_Source data_:

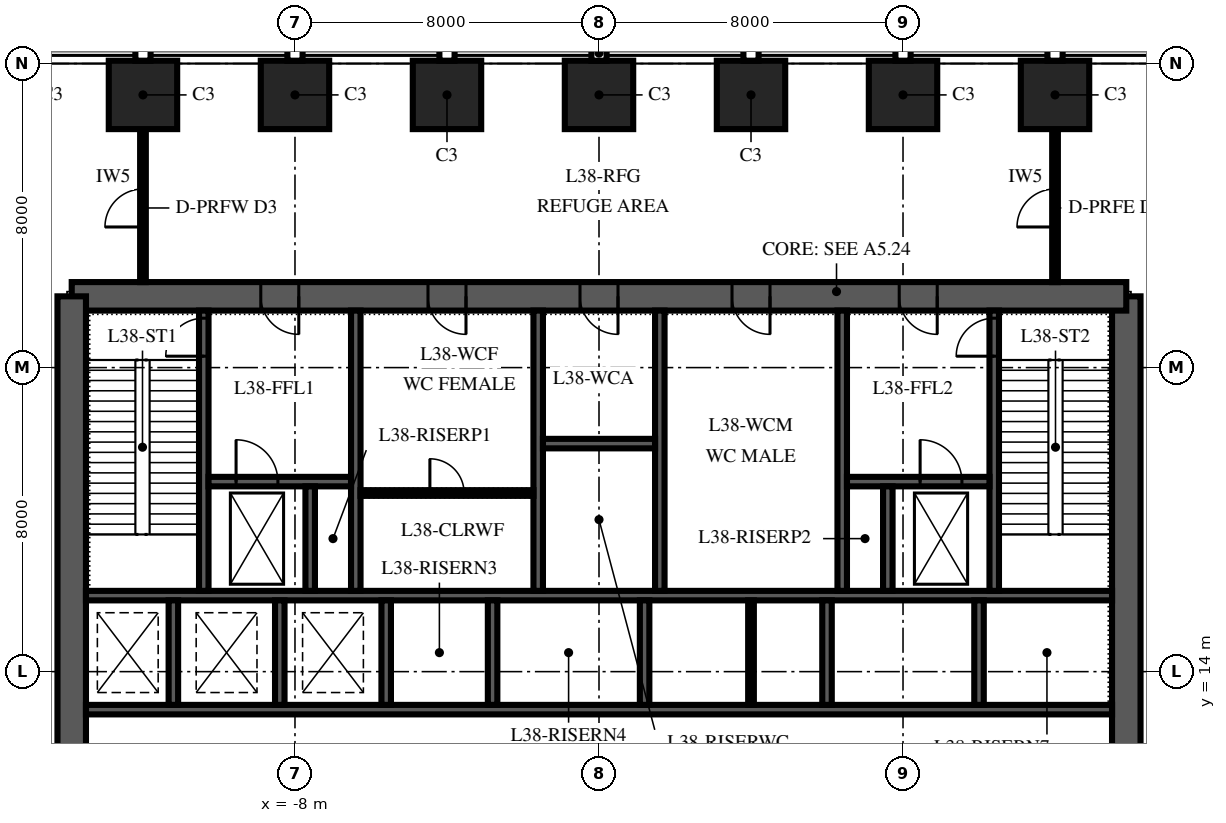
"""IFC4 building model, lengths in metres.
Left out: names, types, materials, properties, quantities, classifications, styles, units other than length and angle.
Written with IfcOpenShell. Run it as: python <this file> out.ifc"""

import sys

from ifc_helpers import new_model, si_unit, direction, frame, frame_2d, origin, origin_2d, place, context, subcontext, project, spatial, polyline, rectangle, outline, extrude, element, fill, save


model = new_model("IFC4")
c1 = context("Model", 3, precision=1e-05, world=origin(), true_north=direction((0.0, 1.0)))
c2 = subcontext(c1, "Body", "Model", "MODEL_VIEW")
j1 = project(units=[si_unit("LENGTHUNIT", "METRE"), si_unit("PLANEANGLEUNIT", "RADIAN")], contexts=[c1])
p1 = place(None, origin())
s1 = spatial("IfcSite", under=j1, at=p1, CompositionType="ELEMENT")
p2 = place(p1, origin())
s2 = spatial("IfcBuilding", under=s1, at=p2, CompositionType="ELEMENT")
p3 = place(p2, frame((0.0, 0.0, 167.0)))
s3 = spatial("IfcBuildingStorey", under=s2, at=p3, CompositionType="ELEMENT", Elevation=167.0)
for number, where, z_axis, x_axis in (
    (1, (12.0, 29.175, 0.0), (0.0, 0.0, 1.0), (-1.0, 0.0, 0.0)),
    (2, (8.0, 29.175, 0.0), (0.0, 0.0, 1.0), (-1.0, 0.0, 0.0)),
    (3, (4.0, 29.175, 0.0), (0.0, 0.0, 1.0), (-1.0, 0.0, 0.0)),
    (4, (0.0, 29.175, 0.0), (0.0, 0.0, 1.0), (-1.0, 0.0, 0.0)),
    (5, (-4.0, 29.175, 0.0), (0.0, 0.0, 1.0), (-1.0, 0.0, 0.0)),
    (6, (-8.0, 29.175, 0.0), (0.0, 0.0, 1.0), (-1.0, 0.0, 0.0)),
    (7, (-12.0, 29.175, 0.0), (0.0, 0.0, 1.0), (-1.0, 0.0, 0.0)),
):
    element("IfcColumn", number, at=place(p3, frame(where, z_axis=z_axis, x_axis=x_axis)), inside=s3, PredefinedType="COLUMN", context=c2, shape_type="SweptSolid", body=[
        extrude(rectangle(XDim=1.8, YDim=1.8, at=origin_2d()), origin(), (0.0, 0.0, 1.0), 6.0),
    ])
p4 = place(p3, frame((13.875, 6.125, 0.0), z_axis=(0.0, 0.0, 1.0), x_axis=(0.0, 1.0, 0.0)))
e8 = element("IfcWall", 8, at=p4, inside=s3, PredefinedType="SHEAR", context=c2, shape_type="SweptSolid", body=[
    extrude(outline(polyline([(0.0, -0.375), (17.75, -0.375), (17.75, 0.0), (17.375, 0.0), (17.375, 0.375), (0.375, 0.375), (0.375, 0.0), (0.0, 0.0), (0.0, -0.375)])), origin(), (0.0, 0.0, 1.0), 6.0),
])
p5 = place(p3, frame((13.875, 23.875, 0.0), z_axis=(0.0, 0.0, 1.0), x_axis=(-1.0, 0.0, 0.0)))
e9 = element("IfcWall", 9, at=p5, inside=s3, PredefinedType="SHEAR", context=c2, shape_type="SweptSolid", body=[
    extrude(rectangle(XDim=27.75, YDim=0.75, at=frame_2d((13.875, 0.0))), origin(), (0.0, 0.0, 1.0), 6.0),
])
p6 = place(p5, frame((21.775, 0.0, 0.0)))
e10 = element("IfcOpeningElement", 10, at=p6, cuts=e9, PredefinedType="OPENING", context=c2, shape_type="SweptSolid", body=[
    extrude(rectangle(XDim=1.0, YDim=2.1, at=frame_2d((0.5, 1.05))), frame((0.0, 0.39, 0.0), z_axis=(0.0, -1.0, 0.0), x_axis=(1.0, 0.0, 0.0)), (0.0, 0.0, 1.0), 0.78),
])
p7 = place(p5, frame((4.975, 0.0, 0.0)))
e11 = element("IfcOpeningElement", 11, at=p7, cuts=e9, PredefinedType="OPENING", context=c2, shape_type="SweptSolid", body=[
    extrude(rectangle(XDim=1.0, YDim=2.1, at=frame_2d((0.5, 1.05))), frame((0.0, 0.39, 0.0), z_axis=(0.0, -1.0, 0.0), x_axis=(1.0, 0.0, 0.0)), (0.0, 0.0, 1.0), 0.78),
])
p8 = place(p5, frame((17.375, 0.0, 0.0)))
e12 = element("IfcOpeningElement", 12, at=p8, cuts=e9, PredefinedType="OPENING", context=c2, shape_type="SweptSolid", body=[
    extrude(rectangle(XDim=1.0, YDim=2.1, at=frame_2d((0.5, 1.05))), frame((0.0, 0.39, 0.0), z_axis=(0.0, -1.0, 0.0), x_axis=(1.0, 0.0, 0.0)), (0.0, 0.0, 1.0), 0.78),
])
p9 = place(p5, frame((13.375, 0.0, 0.0)))
e13 = element("IfcOpeningElement", 13, at=p9, cuts=e9, PredefinedType="OPENING", context=c2, shape_type="SweptSolid", body=[
    extrude(rectangle(XDim=1.0, YDim=2.1, at=frame_2d((0.5, 1.05))), frame((0.0, 0.39, 0.0), z_axis=(0.0, -1.0, 0.0), x_axis=(1.0, 0.0, 0.0)), (0.0, 0.0, 1.0), 0.78),
])
p10 = place(p5, frame((9.375, 0.0, 0.0)))
e14 = element("IfcOpeningElement", 14, at=p10, cuts=e9, PredefinedType="OPENING", context=c2, shape_type="SweptSolid", body=[
    extrude(rectangle(XDim=1.0, YDim=2.1, at=frame_2d((0.5, 1.05))), frame((0.0, 0.39, 0.0), z_axis=(0.0, -1.0, 0.0), x_axis=(1.0, 0.0, 0.0)), (0.0, 0.0, 1.0), 0.78),
])
p11 = place(p3, frame((-13.875, 23.875, 0.0), z_axis=(0.0, 0.0, 1.0), x_axis=(0.0, -1.0, 0.0)))
e15 = element("IfcWall", 15, at=p11, inside=s3, PredefinedType="SHEAR", context=c2, shape_type="SweptSolid", body=[
    extrude(outline(polyline([(0.0, -0.375), (17.75, -0.375), (17.75, 0.0), (17.375, 0.0), (17.375, 0.375), (0.375, 0.375), (0.375, 0.0), (0.0, 0.0), (0.0, -0.375)])), origin(), (0.0, 0.0, 1.0), 6.0),
])
for number, where, z_axis, x_axis in (
    (16, (-13.5, 13.0, 0.0), (0.0, 0.0, 1.0), (1.0, 0.0, 0.0)),
    (17, (-13.5, 16.0, 0.0), (0.0, 0.0, 1.0), (1.0, 0.0, 0.0)),
):
    element("IfcWall", number, at=place(p3, frame(where, z_axis=z_axis, x_axis=x_axis)), inside=s3, PredefinedType="SHEAR", context=c2, shape_type="SweptSolid", body=[
        extrude(rectangle(XDim=27.0, YDim=0.25, at=frame_2d((13.5, 0.0))), origin(), (0.0, 0.0, 1.0), 6.0),
    ])
for number, where, z_axis, x_axis in (
    (18, (-11.2, 13.125, 0.0), (0.0, 0.0, 1.0), (0.0, 1.0, 0.0)),
    (19, (-8.4, 13.125, 0.0), (0.0, 0.0, 1.0), (0.0, 1.0, 0.0)),
    (20, (-5.6, 13.125, 0.0), (0.0, 0.0, 1.0), (0.0, 1.0, 0.0)),
    (21, (-2.8, 13.125, 0.0), (0.0, 0.0, 1.0), (0.0, 1.0, 0.0)),
    (22, (1.2, 13.125, 0.0), (0.0, 0.0, 1.0), (0.0, 1.0, 0.0)),
    (23, (6.0, 13.125, 0.0), (0.0, 0.0, 1.0), (0.0, 1.0, 0.0)),
    (24, (10.0, 13.125, 0.0), (0.0, 0.0, 1.0), (0.0, 1.0, 0.0)),
):
    element("IfcWall", number, at=place(p3, frame(where, z_axis=z_axis, x_axis=x_axis)), inside=s3, PredefinedType="SHEAR", context=c2, shape_type="SweptSolid", body=[
        extrude(rectangle(XDim=2.75, YDim=0.25, at=frame_2d((1.375, 0.0))), origin(), (0.0, 0.0, 1.0), 6.0),
    ])
p12 = place(p3, frame((-10.4, 16.125, 0.0), z_axis=(0.0, 0.0, 1.0), x_axis=(0.0, 1.0, 0.0)))
e25 = element("IfcWall", 25, at=p12, inside=s3, PredefinedType="SHEAR", context=c2, shape_type="SweptSolid", body=[
    extrude(rectangle(XDim=7.375, YDim=0.25, at=frame_2d((3.688, 0.0))), origin(), (0.0, 0.0, 1.0), 6.0),
])
p13 = place(p12, frame((6.175, 0.0, 0.0)))
e26 = element("IfcOpeningElement", 26, at=p13, cuts=e25, PredefinedType="OPENING", context=c2, shape_type="SweptSolid", body=[
    extrude(rectangle(XDim=1.0, YDim=2.1, at=frame_2d((0.5, 1.05))), frame((0.0, 0.14, 0.0), z_axis=(0.0, -1.0, 0.0), x_axis=(1.0, 0.0, 0.0)), (0.0, 0.0, 1.0), 0.28),
])
for number, where, z_axis, x_axis in (
    (27, (-6.4, 16.125, 0.0), (0.0, 0.0, 1.0), (0.0, 1.0, 0.0)),
    (28, (-1.6, 16.125, 0.0), (0.0, 0.0, 1.0), (0.0, 1.0, 0.0)),
    (29, (1.6, 16.125, 0.0), (0.0, 0.0, 1.0), (0.0, 1.0, 0.0)),
    (30, (6.4, 16.125, 0.0), (0.0, 0.0, 1.0), (0.0, 1.0, 0.0)),
):
    element("IfcWall", number, at=place(p3, frame(where, z_axis=z_axis, x_axis=x_axis)), inside=s3, PredefinedType="SHEAR", context=c2, shape_type="SweptSolid", body=[
        extrude(rectangle(XDim=7.375, YDim=0.25, at=frame_2d((3.688, 0.0))), origin(), (0.0, 0.0, 1.0), 6.0),
    ])
p14 = place(p3, frame((10.4, 16.125, 0.0), z_axis=(0.0, 0.0, 1.0), x_axis=(0.0, 1.0, 0.0)))
e31 = element("IfcWall", 31, at=p14, inside=s3, PredefinedType="SHEAR", context=c2, shape_type="SweptSolid", body=[
    extrude(rectangle(XDim=7.375, YDim=0.25, at=frame_2d((3.688, 0.0))), origin(), (0.0, 0.0, 1.0), 6.0),
])
p15 = place(p14, frame((6.175, 0.0, 0.0)))
e32 = element("IfcOpeningElement", 32, at=p15, cuts=e31, PredefinedType="OPENING", context=c2, shape_type="SweptSolid", body=[
    extrude(rectangle(XDim=1.0, YDim=2.1, at=frame_2d((0.5, 1.05))), frame((0.0, 0.14, 0.0), z_axis=(0.0, -1.0, 0.0), x_axis=(1.0, 0.0, 0.0)), (0.0, 0.0, 1.0), 0.28),
])
p16 = place(p3, frame((-10.275, 19.0, 0.0), z_axis=(0.0, 0.0, 1.0), x_axis=(1.0, 0.0, 0.0)))
e33 = element("IfcWall", 33, at=p16, inside=s3, PredefinedType="SHEAR", context=c2, shape_type="SweptSolid", body=[
    extrude(rectangle(XDim=3.75, YDim=0.25, at=frame_2d((1.875, 0.0))), origin(), (0.0, 0.0, 1.0), 6.0),
])
p17 = place(p16, frame((0.725, 0.0, 0.0)))
e34 = element("IfcOpeningElement", 34, at=p17, cuts=e33, PredefinedType="OPENING", context=c2, shape_type="SweptSolid", body=[
    extrude(rectangle(XDim=1.1, YDim=2.1, at=frame_2d((0.55, 1.05))), frame((0.0, 0.14, 0.0), z_axis=(0.0, -1.0, 0.0), x_axis=(1.0, 0.0, 0.0)), (0.0, 0.0, 1.0), 0.28),
])
p18 = place(p3, frame((6.525, 19.0, 0.0), z_axis=(0.0, 0.0, 1.0), x_axis=(1.0, 0.0, 0.0)))
e35 = element("IfcWall", 35, at=p18, inside=s3, PredefinedType="SHEAR", context=c2, shape_type="SweptSolid", body=[
    extrude(rectangle(XDim=3.75, YDim=0.25, at=frame_2d((1.875, 0.0))), origin(), (0.0, 0.0, 1.0), 6.0),
])
p19 = place(p18, frame((1.925, 0.0, 0.0)))
e36 = element("IfcOpeningElement", 36, at=p19, cuts=e35, PredefinedType="OPENING", context=c2, shape_type="SweptSolid", body=[
    extrude(rectangle(XDim=1.1, YDim=2.1, at=frame_2d((0.55, 1.05))), frame((0.0, 0.14, 0.0), z_axis=(0.0, -1.0, 0.0), x_axis=(1.0, 0.0, 0.0)), (0.0, 0.0, 1.0), 0.28),
])
for number, where, z_axis, x_axis in (
    (37, (-7.6, 16.125, 0.0), (0.0, 0.0, 1.0), (0.0, 1.0, 0.0)),
    (38, (7.6, 16.125, 0.0), (0.0, 0.0, 1.0), (0.0, 1.0, 0.0)),
):
    element("IfcWall", number, at=place(p3, frame(where, z_axis=z_axis, x_axis=x_axis)), inside=s3, PredefinedType="SHEAR", context=c2, shape_type="SweptSolid", body=[
        extrude(rectangle(XDim=2.75, YDim=0.25, at=frame_2d((1.375, 0.0))), origin(), (0.0, 0.0, 1.0), 6.0),
    ])
p20 = place(p3, frame((-1.475, 20.0, 0.0), z_axis=(0.0, 0.0, 1.0), x_axis=(1.0, 0.0, 0.0)))
e39 = element("IfcWall", 39, at=p20, inside=s3, PredefinedType="SHEAR", context=c2, shape_type="SweptSolid", body=[
    extrude(rectangle(XDim=2.95, YDim=0.25, at=frame_2d((1.475, 0.0))), origin(), (0.0, 0.0, 1.0), 6.0),
])
p21 = place(p3, frame((-6.275, 18.7, 0.0), z_axis=(0.0, 0.0, 1.0), x_axis=(1.0, 0.0, 0.0)))
e40 = element("IfcWall", 40, at=p21, inside=s3, PredefinedType="PARTITIONING", context=c2, shape_type="SweptSolid", body=[
    extrude(rectangle(XDim=4.55, YDim=0.15, at=frame_2d((2.275, 0.0))), origin(), (0.0, 0.0, 1.0), 5.85),
])
p22 = place(p21, frame((1.825, 0.0, 0.0)))
e41 = element("IfcOpeningElement", 41, at=p22, cuts=e40, PredefinedType="OPENING", context=c2, shape_type="SweptSolid", body=[
    extrude(rectangle(XDim=0.9, YDim=2.1, at=frame_2d((0.45, 1.05))), frame((0.0, 0.09, 0.0), z_axis=(0.0, -1.0, 0.0), x_axis=(1.0, 0.0, 0.0)), (0.0, 0.0, 1.0), 0.18),
])
p23 = place(p3, frame((4.0, 13.125, 0.0), z_axis=(0.0, 0.0, 1.0), x_axis=(0.0, 1.0, 0.0)))
e42 = element("IfcWall", 42, at=p23, inside=s3, PredefinedType="PARTITIONING", context=c2, shape_type="SweptSolid", body=[
    extrude(rectangle(XDim=2.75, YDim=0.15, at=frame_2d((1.375, 0.0))), origin(), (0.0, 0.0, 1.0), 5.85),
])
p24 = place(p3, frame((12.0, 24.25, 0.0), z_axis=(0.0, 0.0, 1.0), x_axis=(0.0, 1.0, 0.0)))
e43 = element("IfcWall", 43, at=p24, inside=s3, PredefinedType="PARTITIONING", context=c2, shape_type="SweptSolid", body=[
    extrude(rectangle(XDim=3.97, YDim=0.15, at=frame_2d((1.985, 0.0))), origin(), (0.0, 0.0, 1.0), 5.8),
])
p25 = place(p24, frame((1.45, 0.0, 0.0)))
e44 = element("IfcOpeningElement", 44, at=p25, cuts=e43, PredefinedType="OPENING", context=c2, shape_type="SweptSolid", body=[
    extrude(rectangle(XDim=1.0, YDim=2.1, at=frame_2d((0.5, 1.05))), frame((0.0, 0.09, 0.0), z_axis=(0.0, -1.0, 0.0), x_axis=(1.0, 0.0, 0.0)), (0.0, 0.0, 1.0), 0.18),
])
p26 = place(p3, frame((-12.0, 24.25, 0.0), z_axis=(0.0, 0.0, 1.0), x_axis=(0.0, 1.0, 0.0)))
e45 = element("IfcWall", 45, at=p26, inside=s3, PredefinedType="PARTITIONING", context=c2, shape_type="SweptSolid", body=[
    extrude(rectangle(XDim=3.97, YDim=0.15, at=frame_2d((1.985, 0.0))), origin(), (0.0, 0.0, 1.0), 5.8),
])
p27 = place(p26, frame((1.45, 0.0, 0.0)))
e46 = element("IfcOpeningElement", 46, at=p27, cuts=e45, PredefinedType="OPENING", context=c2, shape_type="SweptSolid", body=[
    extrude(rectangle(XDim=1.0, YDim=2.1, at=frame_2d((0.5, 1.05))), frame((0.0, 0.09, 0.0), z_axis=(0.0, -1.0, 0.0), x_axis=(1.0, 0.0, 0.0)), (0.0, 0.0, 1.0), 0.18),
])
p28 = place(p6, origin())
e47 = element("IfcDoor", 47, at=p28, inside=s3, OperationType="SINGLE_SWING_RIGHT", PredefinedType="DOOR", context=c2, shape_type="SweptSolid", body=[
    extrude(rectangle(XDim=1.0, YDim=2.1, at=frame_2d((0.5, 1.05))), frame((0.0, 0.375, 0.0), z_axis=(0.0, -1.0, 0.0), x_axis=(1.0, 0.0, 0.0)), (0.0, 0.0, 1.0), 0.75),
])
fill(e10, e47)
p29 = place(p7, origin())
e48 = element("IfcDoor", 48, at=p29, inside=s3, OperationType="SINGLE_SWING_RIGHT", PredefinedType="DOOR", context=c2, shape_type="SweptSolid", body=[
    extrude(rectangle(XDim=1.0, YDim=2.1, at=frame_2d((0.5, 1.05))), frame((0.0, 0.375, 0.0), z_axis=(0.0, -1.0, 0.0), x_axis=(1.0, 0.0, 0.0)), (0.0, 0.0, 1.0), 0.75),
])
fill(e11, e48)
p30 = place(p8, origin())
e49 = element("IfcDoor", 49, at=p30, inside=s3, OperationType="SINGLE_SWING_LEFT", PredefinedType="DOOR", context=c2, shape_type="SweptSolid", body=[
    extrude(rectangle(XDim=1.0, YDim=2.1, at=frame_2d((0.5, 1.05))), frame((0.0, 0.375, 0.0), z_axis=(0.0, -1.0, 0.0), x_axis=(1.0, 0.0, 0.0)), (0.0, 0.0, 1.0), 0.75),
])
fill(e12, e49)
p31 = place(p9, origin())
e50 = element("IfcDoor", 50, at=p31, inside=s3, OperationType="SINGLE_SWING_LEFT", PredefinedType="DOOR", context=c2, shape_type="SweptSolid", body=[
    extrude(rectangle(XDim=1.0, YDim=2.1, at=frame_2d((0.5, 1.05))), frame((0.0, 0.375, 0.0), z_axis=(0.0, -1.0, 0.0), x_axis=(1.0, 0.0, 0.0)), (0.0, 0.0, 1.0), 0.75),
])
fill(e13, e50)
p32 = place(p10, origin())
e51 = element("IfcDoor", 51, at=p32, inside=s3, OperationType="SINGLE_SWING_LEFT", PredefinedType="DOOR", context=c2, shape_type="SweptSolid", body=[
    extrude(rectangle(XDim=1.0, YDim=2.1, at=frame_2d((0.5, 1.05))), frame((0.0, 0.375, 0.0), z_axis=(0.0, -1.0, 0.0), x_axis=(1.0, 0.0, 0.0)), (0.0, 0.0, 1.0), 0.75),
])
fill(e14, e51)
p33 = place(p13, origin())
e52 = element("IfcDoor", 52, at=p33, inside=s3, OperationType="SINGLE_SWING_LEFT", PredefinedType="DOOR", context=c2, shape_type="SweptSolid", body=[
    extrude(rectangle(XDim=1.0, YDim=2.1, at=frame_2d((0.5, 1.05))), frame((0.0, 0.125, 0.0), z_axis=(0.0, -1.0, 0.0), x_axis=(1.0, 0.0, 0.0)), (0.0, 0.0, 1.0), 0.25),
])
fill(e26, e52)
p34 = place(p15, origin())
e53 = element("IfcDoor", 53, at=p34, inside=s3, OperationType="SINGLE_SWING_LEFT", PredefinedType="DOOR", context=c2, shape_type="SweptSolid", body=[
    extrude(rectangle(XDim=1.0, YDim=2.1, at=frame_2d((0.5, 1.05))), frame((0.0, 0.125, 0.0), z_axis=(0.0, -1.0, 0.0), x_axis=(1.0, 0.0, 0.0)), (0.0, 0.0, 1.0), 0.25),
])
fill(e32, e53)
p35 = place(p19, origin())
e54 = element("IfcDoor", 54, at=p35, inside=s3, OperationType="SLIDING_TO_RIGHT", PredefinedType="DOOR", context=c2, shape_type="SweptSolid", body=[
    extrude(rectangle(XDim=1.1, YDim=2.1, at=frame_2d((0.55, 1.05))), frame((0.0, 0.125, 0.0), z_axis=(0.0, -1.0, 0.0), x_axis=(1.0, 0.0, 0.0)), (0.0, 0.0, 1.0), 0.25),
])
fill(e36, e54)
p36 = place(p17, origin())
e55 = element("IfcDoor", 55, at=p36, inside=s3, OperationType="SLIDING_TO_RIGHT", PredefinedType="DOOR", context=c2, shape_type="SweptSolid", body=[
    extrude(rectangle(XDim=1.1, YDim=2.1, at=frame_2d((0.55, 1.05))), frame((0.0, 0.125, 0.0), z_axis=(0.0, -1.0, 0.0), x_axis=(1.0, 0.0, 0.0)), (0.0, 0.0, 1.0), 0.25),
])
fill(e34, e55)
p37 = place(p22, origin())
e56 = element("IfcDoor", 56, at=p37, inside=s3, OperationType="SINGLE_SWING_LEFT", PredefinedType="DOOR", context=c2, shape_type="SweptSolid", body=[
    extrude(rectangle(XDim=0.9, YDim=2.1, at=frame_2d((0.45, 1.05))), frame((0.0, 0.075, 0.0), z_axis=(0.0, -1.0, 0.0), x_axis=(1.0, 0.0, 0.0)), (0.0, 0.0, 1.0), 0.149),
])
fill(e41, e56)
p38 = place(p25, origin())
e57 = element("IfcDoor", 57, at=p38, inside=s3, OperationType="SINGLE_SWING_RIGHT", PredefinedType="DOOR", context=c2, shape_type="SweptSolid", body=[
    extrude(rectangle(XDim=1.0, YDim=2.1, at=frame_2d((0.5, 1.05))), frame((0.0, 0.075, 0.0), z_axis=(0.0, -1.0, 0.0), x_axis=(1.0, 0.0, 0.0)), (0.0, 0.0, 1.0), 0.149),
])
fill(e44, e57)
p39 = place(p27, origin())
e58 = element("IfcDoor", 58, at=p39, inside=s3, OperationType="SINGLE_SWING_RIGHT", PredefinedType="DOOR", context=c2, shape_type="SweptSolid", body=[
    extrude(rectangle(XDim=1.0, YDim=2.1, at=frame_2d((0.5, 1.05))), frame((0.0, 0.075, 0.0), z_axis=(0.0, -1.0, 0.0), x_axis=(1.0, 0.0, 0.0)), (0.0, 0.0, 1.0), 0.149),
])
fill(e46, e58)
save(model, sys.argv[1])

_Work item_:
Give only the lines from the one holding "p27 = place(p26, frame((1.45, 0.0, 0.0)))" through the one holding "p28 = place(p6, origin())", each restated exactly as it appears above.

_The answer_:
p27 = place(p26, frame((1.45, 0.0, 0.0)))
e46 = element("IfcOpeningElement", 46, at=p27, cuts=e45, PredefinedType="OPENING", context=c2, shape_type="SweptSolid", body=[
    extrude(rectangle(XDim=1.0, YDim=2.1, at=frame_2d((0.5, 1.05))), frame((0.0, 0.09, 0.0), z_axis=(0.0, -1.0, 0.0), x_axis=(1.0, 0.0, 0.0)), (0.0, 0.0, 1.0), 0.18),
])
p28 = place(p6, origin())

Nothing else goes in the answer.